*YOUR INSTRUCTIONS*:
From the line that contains "make_face()" to the last line of the entries, set down each line exactly as written, both ends included, with nothing else.

(Records excerpted from a collection)
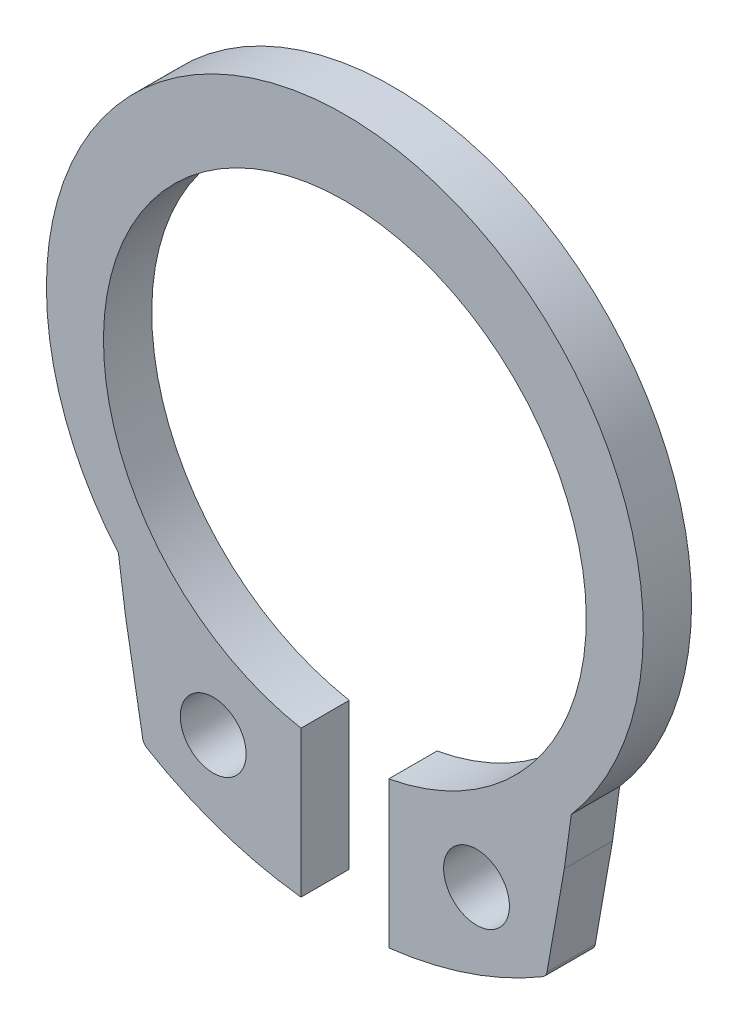
from build123d import *

# Parameters (mm, degrees)
SKETCH1_R           = 0.75
BOSS_EXTRUDE1_DEPTH = 1.1


with BuildPart() as part:
    # Sketch1 → Boss-Extrude1 (new body)
    with BuildSketch(Plane.XY):
        with BuildLine():
            Line((1, -5.408326913), (1, -6.326068688))
            Line((1, -6.326068688), (1, -7.130217388))
            Line((1, -7.130217388), (1, -8.742997198))
            ThreePointArc((1, -8.742997198), (2.818656417, -8.336376671), (4.510908199, -7.555905454))
            ThreePointArc((4.510908199, -7.555905454), (4.573051873, -7.497695365), (4.605349108, -7.418909965))
            Line((4.605349108, -7.418909965), (5, -5.180733539))
            Line((5, -5.180733539), (5.160454845, -4.028284746))
            ThreePointArc((5.160454845, -4.028284746), (0, 7.2), (-5.160454845, -4.028284746))
            Line((-5.160454845, -4.028284746), (-5, -5.180733539))
            Line((-5, -5.180733539), (-4.605349108, -7.418909965))
            ThreePointArc((-4.605349108, -7.418909965), (-4.573051873, -7.497695365), (-4.510908199, -7.555905454))
            ThreePointArc((-4.510908199, -7.555905454), (-2.818656417, -8.336376671), (-1, -8.742997198))
            Line((-1, -8.742997198), (-1, -7.130217388))
            Line((-1, -7.130217388), (-1, -5.408326913))
            ThreePointArc((-1, -5.408326913), (0, 5.5), (1, -5.408326913))
        make_face()
        with Locations((-3, -6.545227269)):
            Circle(SKETCH1_R, mode=Mode.SUBTRACT)
        with Locations((3, -6.545227269)):
            Circle(SKETCH1_R, mode=Mode.SUBTRACT)
    extrude(amount=BOSS_EXTRUDE1_DEPTH)


solid = part.part

*TASK ANSWER*:
        make_face()
        with Locations((-3, -6.545227269)):
            Circle(SKETCH1_R, mode=Mode.SUBTRACT)
        with Locations((3, -6.545227269)):
            Circle(SKETCH1_R, mode=Mode.SUBTRACT)
    extrude(amount=BOSS_EXTRUDE1_DEPTH)


solid = part.part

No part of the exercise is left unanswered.